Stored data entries
------------------------------

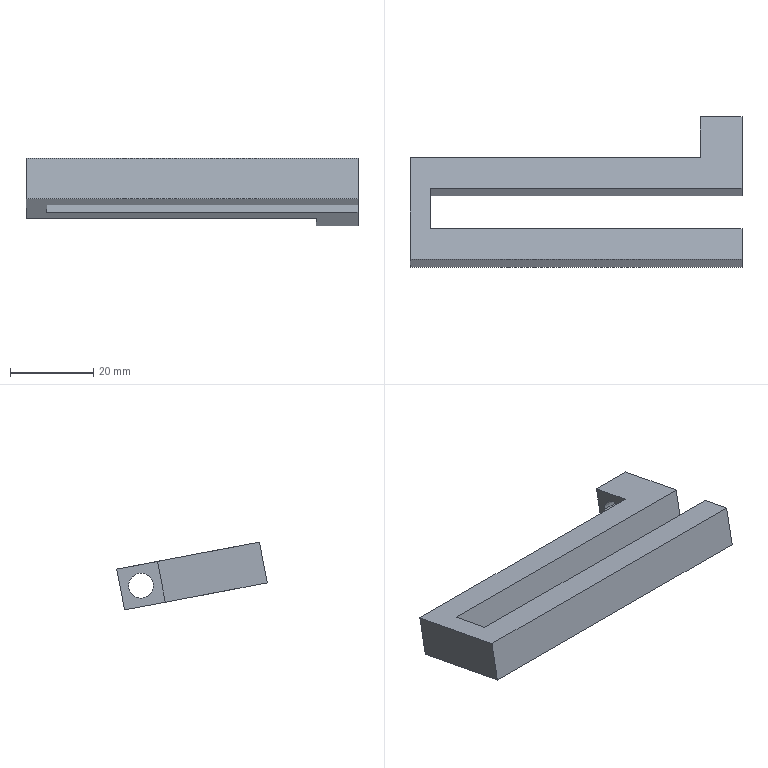Component | SolidWorks | ElectricalBoxAssembly2-1_NylonGuideBlock-1 | 1 solid | 14 faces | box 80 x 36.25 x 16.36 mm | volume 13217 mm3 | plane 12 | cylinder 2 | commonest cylinder face diameters 6 x2
build123d program:
from build123d import *

# Parameters (mm, degrees)
BOSS_EXTRUDE1_DEPTH = 10
SKETCH2_R           = 3
CUT_EXTRUDE1_DEPTH  = 83.5


with BuildPart() as part:
    # Sketch1 → Boss-Extrude1 (new body)
    with BuildSketch(Plane.XY):
        Polygon((-35.667, 17.5), (-35.667, 10), (39.333, 10), (39.333, 0), (-35.667, 0), (-35.667, -17.5), (-25.667, -17.5), (-25.667, -7.5), (44.333, -7.5), (44.333, 17.5), align=None)
    extrude(amount=BOSS_EXTRUDE1_DEPTH)

    # Sketch2 → Cut-Extrude1 (cut, through all)
    with BuildSketch(Plane.ZY.offset(35.667)):
        with Locations(Location((5, -12.5, 0), (0, 0, 270))):
            Circle(SKETCH2_R)
    extrude(amount=-CUT_EXTRUDE1_DEPTH, mode=Mode.SUBTRACT)


solid = part.part

# Placed as in the assembly
solid = solid.moved(Location((704.802, 360.896, 1985.392), (-10.755, 0, 180)))
STEP:
#1=COLOUR_RGB('',0.7922,0.8196,0.9333);
#2=FILL_AREA_STYLE_COLOUR('',#1);
#3=FILL_AREA_STYLE('',(#2));
#4=SURFACE_STYLE_FILL_AREA(#3);
#5=SURFACE_SIDE_STYLE('',(#4));
#6=SURFACE_STYLE_USAGE(.BOTH.,#5);
#7=PRESENTATION_STYLE_ASSIGNMENT((#6));
#8=CARTESIAN_POINT('',(28.759,14.613,78.289));
#9=VERTEX_POINT('',#8);
#10=CARTESIAN_POINT('',(28.759,14.845,78.245));
#11=VERTEX_POINT('',#10);
#12=CARTESIAN_POINT('',(28.759,14.729,78.267));
#13=DIRECTION('',(1.,-0.,0.));
#14=DIRECTION('',(0.,0.9824,-0.1866));
#15=AXIS2_PLACEMENT_3D('',#12,#13,#14);
#16=CIRCLE('',#15,0.1181);
#17=EDGE_CURVE('',#9,#11,#16,.T.);
#18=ORIENTED_EDGE('',*,*,#17,.F.);
#19=CARTESIAN_POINT('',(29.152,14.613,78.289));
#20=VERTEX_POINT('',#19);
#21=CARTESIAN_POINT('',(26.003,14.613,78.289));
#22=DIRECTION('',(1.,0.,0.));
#23=VECTOR('',#22,39.37);
#24=LINE('',#21,#23);
#25=EDGE_CURVE('',#9,#20,#24,.T.);
#26=ORIENTED_EDGE('',*,*,#25,.T.);
#27=CARTESIAN_POINT('',(29.152,14.845,78.245));
#28=VERTEX_POINT('',#27);
#29=CARTESIAN_POINT('',(29.152,14.729,78.267));
#30=DIRECTION('',(1.,0.,0.));
#31=DIRECTION('',(0.,0.9824,-0.1866));
#32=AXIS2_PLACEMENT_3D('',#29,#30,#31);
#33=CIRCLE('',#32,0.1181);
#34=EDGE_CURVE('',#20,#28,#33,.T.);
#35=ORIENTED_EDGE('',*,*,#34,.T.);
#36=CARTESIAN_POINT('',(26.003,14.845,78.245));
#37=DIRECTION('',(1.,0.,0.));
#38=VECTOR('',#37,39.37);
#39=LINE('',#36,#38);
#40=EDGE_CURVE('',#11,#28,#39,.T.);
#41=ORIENTED_EDGE('',*,*,#40,.F.);
#42=EDGE_LOOP('',(#18,#26,#35,#41));
#43=FACE_OUTER_BOUND('',#42,.T.);
#44=CARTESIAN_POINT('',(26.003,14.729,78.267));
#45=DIRECTION('',(1.,0.,0.));
#46=DIRECTION('',(0.,0.9824,-0.1866));
#47=AXIS2_PLACEMENT_3D('',#44,#45,#46);
#48=CYLINDRICAL_SURFACE('',#47,0.1181);
#49=ADVANCED_FACE('',(#43),#48,.F.);
#50=CARTESIAN_POINT('',(26.003,13.532,78.294));
#51=VERTEX_POINT('',#50);
#52=CARTESIAN_POINT('',(29.152,13.532,78.294));
#53=VERTEX_POINT('',#52);
#54=CARTESIAN_POINT('',(29.152,13.532,78.294));
#55=DIRECTION('',(1.,-0.,0.));
#56=VECTOR('',#55,39.37);
#57=LINE('',#54,#56);
#58=EDGE_CURVE('',#51,#53,#57,.T.);
#59=ORIENTED_EDGE('',*,*,#58,.T.);
#60=CARTESIAN_POINT('',(29.152,13.605,78.68));
#61=VERTEX_POINT('',#60);
#62=CARTESIAN_POINT('',(29.152,13.605,78.68));
#63=DIRECTION('',(0.,-0.1866,-0.9824));
#64=VECTOR('',#63,39.37);
#65=LINE('',#62,#64);
#66=EDGE_CURVE('',#61,#53,#65,.T.);
#67=ORIENTED_EDGE('',*,*,#66,.F.);
#68=CARTESIAN_POINT('',(26.003,13.605,78.68));
#69=VERTEX_POINT('',#68);
#70=CARTESIAN_POINT('',(29.152,13.605,78.68));
#71=DIRECTION('',(1.,-0.,0.));
#72=VECTOR('',#71,39.37);
#73=LINE('',#70,#72);
#74=EDGE_CURVE('',#69,#61,#73,.T.);
#75=ORIENTED_EDGE('',*,*,#74,.F.);
#76=CARTESIAN_POINT('',(26.003,13.605,78.68));
#77=DIRECTION('',(0.,-0.1866,-0.9824));
#78=VECTOR('',#77,39.37);
#79=LINE('',#76,#78);
#80=EDGE_CURVE('',#69,#51,#79,.T.);
#81=ORIENTED_EDGE('',*,*,#80,.T.);
#82=EDGE_LOOP('',(#59,#67,#75,#81));
#83=FACE_OUTER_BOUND('',#82,.T.);
#84=CARTESIAN_POINT('',(29.152,13.605,78.68));
#85=DIRECTION('',(0.,0.9824,-0.1866));
#86=DIRECTION('',(-1.,0.,-0.));
#87=AXIS2_PLACEMENT_3D('',#84,#85,#86);
#88=PLANE('',#87);
#89=ADVANCED_FACE('',(#83),#88,.F.);
#90=CARTESIAN_POINT('',(29.152,13.822,78.239));
#91=VERTEX_POINT('',#90);
#92=CARTESIAN_POINT('',(29.152,13.532,78.294));
#93=DIRECTION('',(0.,0.9824,-0.1866));
#94=VECTOR('',#93,39.37);
#95=LINE('',#92,#94);
#96=EDGE_CURVE('',#53,#91,#95,.T.);
#97=ORIENTED_EDGE('',*,*,#96,.T.);
#98=CARTESIAN_POINT('',(29.152,13.895,78.625));
#99=VERTEX_POINT('',#98);
#100=CARTESIAN_POINT('',(29.152,13.895,78.625));
#101=DIRECTION('',(0.,-0.1866,-0.9824));
#102=VECTOR('',#101,39.37);
#103=LINE('',#100,#102);
#104=EDGE_CURVE('',#99,#91,#103,.T.);
#105=ORIENTED_EDGE('',*,*,#104,.F.);
#106=CARTESIAN_POINT('',(29.152,13.605,78.68));
#107=DIRECTION('',(0.,0.9824,-0.1866));
#108=VECTOR('',#107,39.37);
#109=LINE('',#106,#108);
#110=EDGE_CURVE('',#61,#99,#109,.T.);
#111=ORIENTED_EDGE('',*,*,#110,.F.);
#112=ORIENTED_EDGE('',*,*,#66,.T.);
#113=EDGE_LOOP('',(#97,#105,#111,#112));
#114=FACE_OUTER_BOUND('',#113,.T.);
#115=CARTESIAN_POINT('',(29.152,13.605,78.68));
#116=DIRECTION('',(-1.,0.,-0.));
#117=DIRECTION('',(0.,-0.1866,-0.9824));
#118=AXIS2_PLACEMENT_3D('',#115,#116,#117);
#119=PLANE('',#118);
#120=ADVANCED_FACE('',(#114),#119,.F.);
#121=CARTESIAN_POINT('',(26.2,13.822,78.239));
#122=VERTEX_POINT('',#121);
#123=CARTESIAN_POINT('',(29.152,13.822,78.239));
#124=DIRECTION('',(-1.,0.,-0.));
#125=VECTOR('',#124,39.37);
#126=LINE('',#123,#125);
#127=EDGE_CURVE('',#91,#122,#126,.T.);
#128=ORIENTED_EDGE('',*,*,#127,.T.);
#129=CARTESIAN_POINT('',(26.2,13.895,78.625));
#130=VERTEX_POINT('',#129);
#131=CARTESIAN_POINT('',(26.2,13.895,78.625));
#132=DIRECTION('',(0.,-0.1866,-0.9824));
#133=VECTOR('',#132,39.37);
#134=LINE('',#131,#133);
#135=EDGE_CURVE('',#130,#122,#134,.T.);
#136=ORIENTED_EDGE('',*,*,#135,.F.);
#137=CARTESIAN_POINT('',(29.152,13.895,78.625));
#138=DIRECTION('',(-1.,0.,-0.));
#139=VECTOR('',#138,39.37);
#140=LINE('',#137,#139);
#141=EDGE_CURVE('',#99,#130,#140,.T.);
#142=ORIENTED_EDGE('',*,*,#141,.F.);
#143=ORIENTED_EDGE('',*,*,#104,.T.);
#144=EDGE_LOOP('',(#128,#136,#142,#143));
#145=FACE_OUTER_BOUND('',#144,.T.);
#146=CARTESIAN_POINT('',(29.152,13.895,78.625));
#147=DIRECTION('',(-0.,-0.9824,0.1866));
#148=DIRECTION('',(-0.,0.1866,0.9824));
#149=AXIS2_PLACEMENT_3D('',#146,#147,#148);
#150=PLANE('',#149);
#151=ADVANCED_FACE('',(#145),#150,.F.);
#152=CARTESIAN_POINT('',(26.2,14.209,78.165));
#153=VERTEX_POINT('',#152);
#154=CARTESIAN_POINT('',(26.2,13.822,78.239));
#155=DIRECTION('',(0.,0.9824,-0.1866));
#156=VECTOR('',#155,39.37);
#157=LINE('',#154,#156);
#158=EDGE_CURVE('',#122,#153,#157,.T.);
#159=ORIENTED_EDGE('',*,*,#158,.T.);
#160=CARTESIAN_POINT('',(26.2,14.282,78.552));
#161=VERTEX_POINT('',#160);
#162=CARTESIAN_POINT('',(26.2,14.282,78.552));
#163=DIRECTION('',(0.,-0.1866,-0.9824));
#164=VECTOR('',#163,39.37);
#165=LINE('',#162,#164);
#166=EDGE_CURVE('',#161,#153,#165,.T.);
#167=ORIENTED_EDGE('',*,*,#166,.F.);
#168=CARTESIAN_POINT('',(26.2,13.895,78.625));
#169=DIRECTION('',(0.,0.9824,-0.1866));
#170=VECTOR('',#169,39.37);
#171=LINE('',#168,#170);
#172=EDGE_CURVE('',#130,#161,#171,.T.);
#173=ORIENTED_EDGE('',*,*,#172,.F.);
#174=ORIENTED_EDGE('',*,*,#135,.T.);
#175=EDGE_LOOP('',(#159,#167,#173,#174));
#176=FACE_OUTER_BOUND('',#175,.T.);
#177=CARTESIAN_POINT('',(26.2,13.895,78.625));
#178=DIRECTION('',(-1.,0.,-0.));
#179=DIRECTION('',(-0.,-0.9824,0.1866));
#180=AXIS2_PLACEMENT_3D('',#177,#178,#179);
#181=PLANE('',#180);
#182=ADVANCED_FACE('',(#176),#181,.F.);
#183=CARTESIAN_POINT('',(29.152,14.209,78.165));
#184=VERTEX_POINT('',#183);
#185=CARTESIAN_POINT('',(26.2,14.209,78.165));
#186=DIRECTION('',(1.,-0.,0.));
#187=VECTOR('',#186,39.37);
#188=LINE('',#185,#187);
#189=EDGE_CURVE('',#153,#184,#188,.T.);
#190=ORIENTED_EDGE('',*,*,#189,.T.);
#191=CARTESIAN_POINT('',(29.152,14.282,78.552));
#192=VERTEX_POINT('',#191);
#193=CARTESIAN_POINT('',(29.152,14.282,78.552));
#194=DIRECTION('',(0.,-0.1866,-0.9824));
#195=VECTOR('',#194,39.37);
#196=LINE('',#193,#195);
#197=EDGE_CURVE('',#192,#184,#196,.T.);
#198=ORIENTED_EDGE('',*,*,#197,.F.);
#199=CARTESIAN_POINT('',(26.2,14.282,78.552));
#200=DIRECTION('',(1.,-0.,0.));
#201=VECTOR('',#200,39.37);
#202=LINE('',#199,#201);
#203=EDGE_CURVE('',#161,#192,#202,.T.);
#204=ORIENTED_EDGE('',*,*,#203,.F.);
#205=ORIENTED_EDGE('',*,*,#166,.T.);
#206=EDGE_LOOP('',(#190,#198,#204,#205));
#207=FACE_OUTER_BOUND('',#206,.T.);
#208=CARTESIAN_POINT('',(26.2,14.282,78.552));
#209=DIRECTION('',(0.,0.9824,-0.1866));
#210=DIRECTION('',(-1.,0.,-0.));
#211=AXIS2_PLACEMENT_3D('',#208,#209,#210);
#212=PLANE('',#211);
#213=ADVANCED_FACE('',(#207),#212,.F.);
#214=CARTESIAN_POINT('',(29.152,14.729,78.267));
#215=DIRECTION('',(1.,0.,0.));
#216=DIRECTION('',(0.,0.9824,-0.1866));
#217=AXIS2_PLACEMENT_3D('',#214,#215,#216);
#218=CIRCLE('',#217,0.1181);
#219=EDGE_CURVE('',#28,#20,#218,.T.);
#220=ORIENTED_EDGE('',*,*,#219,.F.);
#221=ORIENTED_EDGE('',*,*,#34,.F.);
#222=EDGE_LOOP('',(#220,#221));
#223=FACE_BOUND('',#222,.T.);
#224=CARTESIAN_POINT('',(29.152,14.885,78.036));
#225=VERTEX_POINT('',#224);
#226=CARTESIAN_POINT('',(29.152,14.209,78.165));
#227=DIRECTION('',(0.,0.9824,-0.1866));
#228=VECTOR('',#227,39.37);
#229=LINE('',#226,#228);
#230=EDGE_CURVE('',#184,#225,#229,.T.);
#231=ORIENTED_EDGE('',*,*,#230,.T.);
#232=CARTESIAN_POINT('',(29.152,14.959,78.423));
#233=VERTEX_POINT('',#232);
#234=CARTESIAN_POINT('',(29.152,14.959,78.423));
#235=DIRECTION('',(0.,-0.1866,-0.9824));
#236=VECTOR('',#235,39.37);
#237=LINE('',#234,#236);
#238=EDGE_CURVE('',#233,#225,#237,.T.);
#239=ORIENTED_EDGE('',*,*,#238,.F.);
#240=CARTESIAN_POINT('',(29.152,14.282,78.552));
#241=DIRECTION('',(0.,0.9824,-0.1866));
#242=VECTOR('',#241,39.37);
#243=LINE('',#240,#242);
#244=EDGE_CURVE('',#192,#233,#243,.T.);
#245=ORIENTED_EDGE('',*,*,#244,.F.);
#246=ORIENTED_EDGE('',*,*,#197,.T.);
#247=EDGE_LOOP('',(#231,#239,#245,#246));
#248=FACE_OUTER_BOUND('',#247,.T.);
#249=CARTESIAN_POINT('',(29.152,14.282,78.552));
#250=DIRECTION('',(-1.,-0.,-0.));
#251=DIRECTION('',(-0.,-0.9824,0.1866));
#252=AXIS2_PLACEMENT_3D('',#249,#250,#251);
#253=PLANE('',#252);
#254=ADVANCED_FACE('',(#223,#248),#253,.F.);
#255=CARTESIAN_POINT('',(28.759,14.885,78.036));
#256=VERTEX_POINT('',#255);
#257=CARTESIAN_POINT('',(29.152,14.885,78.036));
#258=DIRECTION('',(-1.,0.,-0.));
#259=VECTOR('',#258,39.37);
#260=LINE('',#257,#259);
#261=EDGE_CURVE('',#225,#256,#260,.T.);
#262=ORIENTED_EDGE('',*,*,#261,.T.);
#263=CARTESIAN_POINT('',(28.759,14.959,78.423));
#264=VERTEX_POINT('',#263);
#265=CARTESIAN_POINT('',(28.759,14.959,78.423));
#266=DIRECTION('',(0.,-0.1866,-0.9824));
#267=VECTOR('',#266,39.37);
#268=LINE('',#265,#267);
#269=EDGE_CURVE('',#264,#256,#268,.T.);
#270=ORIENTED_EDGE('',*,*,#269,.F.);
#271=CARTESIAN_POINT('',(29.152,14.959,78.423));
#272=DIRECTION('',(-1.,0.,-0.));
#273=VECTOR('',#272,39.37);
#274=LINE('',#271,#273);
#275=EDGE_CURVE('',#233,#264,#274,.T.);
#276=ORIENTED_EDGE('',*,*,#275,.F.);
#277=ORIENTED_EDGE('',*,*,#238,.T.);
#278=EDGE_LOOP('',(#262,#270,#276,#277));
#279=FACE_OUTER_BOUND('',#278,.T.);
#280=CARTESIAN_POINT('',(29.152,14.959,78.423));
#281=DIRECTION('',(-0.,-0.9824,0.1866));
#282=DIRECTION('',(-0.,0.1866,0.9824));
#283=AXIS2_PLACEMENT_3D('',#280,#281,#282);
#284=PLANE('',#283);
#285=ADVANCED_FACE('',(#279),#284,.F.);
#286=CARTESIAN_POINT('',(28.759,14.729,78.267));
#287=DIRECTION('',(1.,-0.,0.));
#288=DIRECTION('',(0.,0.9824,-0.1866));
#289=AXIS2_PLACEMENT_3D('',#286,#287,#288);
#290=CIRCLE('',#289,0.1181);
#291=EDGE_CURVE('',#11,#9,#290,.T.);
#292=ORIENTED_EDGE('',*,*,#291,.T.);
#293=ORIENTED_EDGE('',*,*,#17,.T.);
#294=EDGE_LOOP('',(#292,#293));
#295=FACE_BOUND('',#294,.T.);
#296=CARTESIAN_POINT('',(28.759,14.499,78.11));
#297=VERTEX_POINT('',#296);
#298=CARTESIAN_POINT('',(28.759,14.499,78.11));
#299=DIRECTION('',(-0.,-0.9824,0.1866));
#300=VECTOR('',#299,39.37);
#301=LINE('',#298,#300);
#302=EDGE_CURVE('',#256,#297,#301,.T.);
#303=ORIENTED_EDGE('',*,*,#302,.T.);
#304=CARTESIAN_POINT('',(28.759,14.572,78.497));
#305=VERTEX_POINT('',#304);
#306=CARTESIAN_POINT('',(28.759,14.572,78.497));
#307=DIRECTION('',(0.,-0.1866,-0.9824));
#308=VECTOR('',#307,39.37);
#309=LINE('',#306,#308);
#310=EDGE_CURVE('',#305,#297,#309,.T.);
#311=ORIENTED_EDGE('',*,*,#310,.F.);
#312=CARTESIAN_POINT('',(28.759,14.572,78.497));
#313=DIRECTION('',(-0.,-0.9824,0.1866));
#314=VECTOR('',#313,39.37);
#315=LINE('',#312,#314);
#316=EDGE_CURVE('',#264,#305,#315,.T.);
#317=ORIENTED_EDGE('',*,*,#316,.F.);
#318=ORIENTED_EDGE('',*,*,#269,.T.);
#319=EDGE_LOOP('',(#303,#311,#317,#318));
#320=FACE_OUTER_BOUND('',#319,.T.);
#321=CARTESIAN_POINT('',(28.759,14.572,78.497));
#322=DIRECTION('',(1.,-0.,0.));
#323=DIRECTION('',(0.,0.9824,-0.1866));
#324=AXIS2_PLACEMENT_3D('',#321,#322,#323);
#325=PLANE('',#324);
#326=ADVANCED_FACE('',(#295,#320),#325,.F.);
#327=CARTESIAN_POINT('',(26.003,14.499,78.11));
#328=VERTEX_POINT('',#327);
#329=CARTESIAN_POINT('',(26.003,14.499,78.11));
#330=DIRECTION('',(-1.,0.,-0.));
#331=VECTOR('',#330,39.37);
#332=LINE('',#329,#331);
#333=EDGE_CURVE('',#297,#328,#332,.T.);
#334=ORIENTED_EDGE('',*,*,#333,.T.);
#335=CARTESIAN_POINT('',(26.003,14.572,78.497));
#336=VERTEX_POINT('',#335);
#337=CARTESIAN_POINT('',(26.003,14.572,78.497));
#338=DIRECTION('',(0.,-0.1866,-0.9824));
#339=VECTOR('',#338,39.37);
#340=LINE('',#337,#339);
#341=EDGE_CURVE('',#336,#328,#340,.T.);
#342=ORIENTED_EDGE('',*,*,#341,.F.);
#343=CARTESIAN_POINT('',(26.003,14.572,78.497));
#344=DIRECTION('',(-1.,0.,-0.));
#345=VECTOR('',#344,39.37);
#346=LINE('',#343,#345);
#347=EDGE_CURVE('',#305,#336,#346,.T.);
#348=ORIENTED_EDGE('',*,*,#347,.F.);
#349=ORIENTED_EDGE('',*,*,#310,.T.);
#350=EDGE_LOOP('',(#334,#342,#348,#349));
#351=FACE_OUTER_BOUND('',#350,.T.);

------------------------------

Work to be completed
Using the data above, reproduce exactly the lines from the line that contains "#196=LINE('',#193,#195);" through the line that contains "#225=VERTEX_POINT('',#224);", including both.

Answer to this task
#196=LINE('',#193,#195);
#197=EDGE_CURVE('',#192,#184,#196,.T.);
#198=ORIENTED_EDGE('',*,*,#197,.F.);
#199=CARTESIAN_POINT('',(26.2,14.282,78.552));
#200=DIRECTION('',(1.,-0.,0.));
#201=VECTOR('',#200,39.37);
#202=LINE('',#199,#201);
#203=EDGE_CURVE('',#161,#192,#202,.T.);
#204=ORIENTED_EDGE('',*,*,#203,.F.);
#205=ORIENTED_EDGE('',*,*,#166,.T.);
#206=EDGE_LOOP('',(#190,#198,#204,#205));
#207=FACE_OUTER_BOUND('',#206,.T.);
#208=CARTESIAN_POINT('',(26.2,14.282,78.552));
#209=DIRECTION('',(0.,0.9824,-0.1866));
#210=DIRECTION('',(-1.,0.,-0.));
#211=AXIS2_PLACEMENT_3D('',#208,#209,#210);
#212=PLANE('',#211);
#213=ADVANCED_FACE('',(#207),#212,.F.);
#214=CARTESIAN_POINT('',(29.152,14.729,78.267));
#215=DIRECTION('',(1.,0.,0.));
#216=DIRECTION('',(0.,0.9824,-0.1866));
#217=AXIS2_PLACEMENT_3D('',#214,#215,#216);
#218=CIRCLE('',#217,0.1181);
#219=EDGE_CURVE('',#28,#20,#218,.T.);
#220=ORIENTED_EDGE('',*,*,#219,.F.);
#221=ORIENTED_EDGE('',*,*,#34,.F.);
#222=EDGE_LOOP('',(#220,#221));
#223=FACE_BOUND('',#222,.T.);
#224=CARTESIAN_POINT('',(29.152,14.885,78.036));
#225=VERTEX_POINT('',#224);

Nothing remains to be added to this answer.